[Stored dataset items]
--------------------------------
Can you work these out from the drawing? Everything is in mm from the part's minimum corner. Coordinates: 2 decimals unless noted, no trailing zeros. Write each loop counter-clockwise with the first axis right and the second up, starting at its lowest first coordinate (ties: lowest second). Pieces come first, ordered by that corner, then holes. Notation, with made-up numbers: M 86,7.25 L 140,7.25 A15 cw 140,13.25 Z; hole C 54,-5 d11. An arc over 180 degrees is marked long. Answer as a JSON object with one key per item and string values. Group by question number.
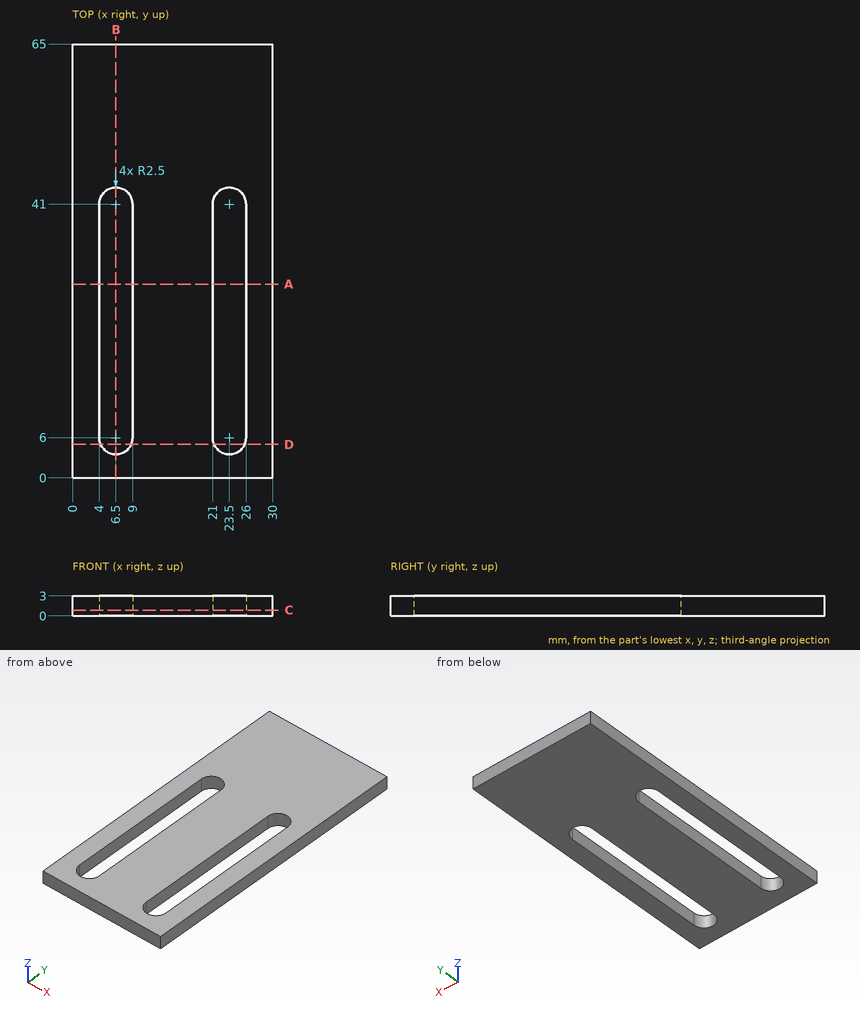
Q1. If we section it at A-A on y = 29: List the corners of the cut face in (x, z) for me.
Q2. If we section it at C-C on z = 0.85: List the corners of the cut face in (x, y) for me.
Q3. If we section it at B-B on x = 6.5: List the corners of the cut face in (y, z) for me, and give its area (3 significant figures).
Q4. Please list where these lines run through material, in increasing order: L1, parallel to X at y = 27, z = 2.05; L2, parallel to Y at x = 6.5, z = 1.6; L3, parallel to X at y = 43, z = 1.65.
Q5. If we section it at D-D on y = 5: List the corners of the cut face in (x, z) for me, and give its area (3 significant figures).
Reply:
{
 "1": {"outline": "M 0,0 L 4,0 L 4,3 L 0,3 Z; M 9,0 L 21,0 L 21,3 L 9,3 Z; M 26,0 L 30,0 L 30,3 L 26,3 Z"},
 "2": {"outline": "M 0,0 L 30,0 L 30,65 L 0,65 Z; hole M 4,6 A2.5 ccw 9,6 L 9,41 A2.5 ccw 4,41 Z; hole M 21,6 A2.5 ccw 26,6 L 26,41 A2.5 ccw 21,41 Z"},
 "3": {"outline": "M 0,0 L 3.5,0 L 3.5,3 L 0,3 Z; M 43.5,0 L 65,0 L 65,3 L 43.5,3 Z", "area": "75.0 mm^2"},
 "4": {"L1": "0 to 4, 9 to 21, 26 to 30", "L2": "0 to 3.5, 43.5 to 65", "L3": "0 to 5, 8 to 22, 25 to 30"},
 "5": {"outline": "M 0,0 L 4.21,0 L 4.21,3 L 0,3 Z; M 8.79,0 L 21.21,0 L 21.21,3 L 8.79,3 Z; M 25.79,0 L 30,0 L 30,3 L 25.79,3 Z", "area": "62.5 mm^2"}
}
```python
from build123d import *

# Parameters (mm, degrees)
SKETCH_1_W                = 160
SKETCH_1_H                = 300
EXTRUDE_1_DEPTH           = 12
CUT_EXTRUDE_1_DEPTH       = 171.423003142
HOLE_WIZARD_3_D           = 3.2
HOLE_WIZARD_3_CBORE_D     = 6
HOLE_WIZARD_3_CBORE_DEPTH = 7
HOLE_WIZARD_M5_1_D        = 4.2
CHAMFER_1_SIZE            = 5
SKETCH_29_W               = 70
SKETCH_29_H               = 45
SKETCH_29_W_2             = 75
CUT_EXTRUDE_3_DEPTH       = 171.423003142
FILLET_1_R                = 5
HOLE_WIZARD_M6_1_D        = 5


with BuildPart() as part:
    # 草图1 → 凸台-拉伸1 (new body)
    with BuildSketch(Plane(origin=(0, 0, 0), x_dir=(1, 0, 0), z_dir=(0, 1, 0))):
        Rectangle(SKETCH_1_W, SKETCH_1_H)
    extrude(amount=EXTRUDE_1_DEPTH)

    # 草图6 → 切除-拉伸1 (cut, through all)
    with BuildSketch(Plane(origin=(0, 12, 0), x_dir=(1, 0, 0), z_dir=(0, 1, 0))):
        with BuildLine():
            Line((-20, -74), (20, -74))
            ThreePointArc((20, -74), (30, -84), (20, -94))
            Line((20, -94), (-20, -94))
            ThreePointArc((-20, -94), (-30, -84), (-20, -74))
        make_face()
    extrude(amount=-CUT_EXTRUDE_1_DEPTH, mode=Mode.SUBTRACT)

    # Hole Wizard 3 (through all)
    with Locations(Plane(origin=(0, 0, 0), x_dir=(-1, 0, 0), z_dir=(0, -1, 0))):
        with Locations((35, 114), (-35, 114), (45, -56.5), (-45, -56.5)):
            CounterBoreHole(HOLE_WIZARD_3_D / 2, HOLE_WIZARD_3_CBORE_D / 2, HOLE_WIZARD_3_CBORE_DEPTH)

    # M5 螺纹孔1 (through all)
    with Locations(Plane(origin=(0, 12, 0), x_dir=(1, 0, 0), z_dir=(0, 1, 0))):
        with Locations((-57, -109), (57, -109)):
            Hole(HOLE_WIZARD_M5_1_D / 2)

    # 倒角1
    chamfer_1_edges = [part.edges().sort_by_distance(p)[0] for p in [
        (80, 6, 150),
        (-80, 6, 150),
        (-80, 6, -150),
        (80, 6, -150),
    ]]
    chamfer(chamfer_1_edges, length=CHAMFER_1_SIZE)

    # 草图29 → 切除-拉伸3 (cut, through all)
    with BuildSketch(Plane(origin=(0, 12, 0), x_dir=(1, 0, 0), z_dir=(0, 1, 0))):
        with Locations((10, 53.5)):
            Rectangle(SKETCH_29_W, SKETCH_29_H)
        with Locations((-6.5, -12)):
            Rectangle(SKETCH_29_W_2, SKETCH_29_H)
    extrude(amount=-CUT_EXTRUDE_3_DEPTH, mode=Mode.SUBTRACT)

    # 圆角1
    fillet_1_edges = [part.edges().sort_by_distance(p)[0] for p in [
        (31, 6, -10.5),
        (31, 6, 34.5),
        (-44, 6, 34.5),
        (-44, 6, -10.5),
        (45, 6, -76),
        (45, 6, -31),
        (-25, 6, -31),
        (-25, 6, -76),
    ]]
    fillet(fillet_1_edges, radius=FILLET_1_R)

    # M6 螺纹孔1 (through all)
    with Locations(Plane(origin=(0, 12, 0), x_dir=(1, 0, 0), z_dir=(0, 1, 0))):
        with Locations((-54, 93), (29, 93), (-54, 23), (29, 23)):
            Hole(HOLE_WIZARD_M6_1_D / 2)


solid = part.part
```
Work out the finished part from the listing and answer in its coordinate system (mm). A direction names the side the tool comes from. Round coordinates to 2 decimals unless told otherwise and drop trailing zeros.
(1) The mould has two halves that part along X. Classify faces 4 (the flat face through (80, 6, 2)), 5 (the flat face through (0, 6, 94)), 6 (the flat face through (-1, 6, 150)), 7 (the flat face through (-80, 6, 2)): pulls with the +X half, pulls with the -X half, needs draft (parallel to the pull), parting line crosses it, or undercut.
Computed values:
face 4: pulls with the +X half
face 5: undercut
face 6: needs draft
face 7: pulls with the -X half
(2) Each of these flat-tipped pins is pushed along its axis until it touches: P1, Ø3, axis at x = 29, z = -93, coming from the +Y side; P2, Ø8, axis at x = 45, z = 56.5, coming from the -Y side; P3, Ø5, axis at x = 35, z = -114, coming from the -Y side. Where does it stop, or does it pass through?
Computed values:
P1: passes through
P2: stops at y = 0
P3: stops at y = 7
(3) The part is cut by section A-A, the plane y = 3. Give the number of separate pieces and of enclosed holes in the cut face, and give its area (3 significant figures).
Computed values:
separate pieces: 1
enclosed holes: 13
area: 40,100 mm2
(4) Find the intervals of material crossed by L1, parallel to Z at x = -54, y = 3.25; L2, parallel to Z at x = 5, y = 1; L3, parallel to Z at x = -35, y = 5.25, in increasing order.
Computed values:
L1: z = -150 to -95.5, -90.5 to -25.5, -20.5 to 150
L2: z = -150 to -76, -31 to -10.5, 34.5 to 74, 94 to 150
L3: z = -150 to -117, -111 to -10.5, 34.5 to 150
(5) For faces 1 (the cylindrical face through (30, 6, 84)), 2 (the flat face through (-46, 7, 58)), 3 (the flat face through (-1, 6, -150)), determine the directions among +Z, -Z, +X, -X, +Y, -Y from which every point of the face is accessible in a straight line to the end or side of a thin tool.
Computed values:
face 1: +Y, -Y
face 2: -Y
face 3: -Z, +X, -X, +Y, -Y
--------------------------------
Using the records above, find and show each line with the string "Rectangle".

- _Answer below_
        Rectangle(SKETCH_1_W, SKETCH_1_H)
            Rectangle(SKETCH_29_W, SKETCH_29_H)
            Rectangle(SKETCH_29_W_2, SKETCH_29_H)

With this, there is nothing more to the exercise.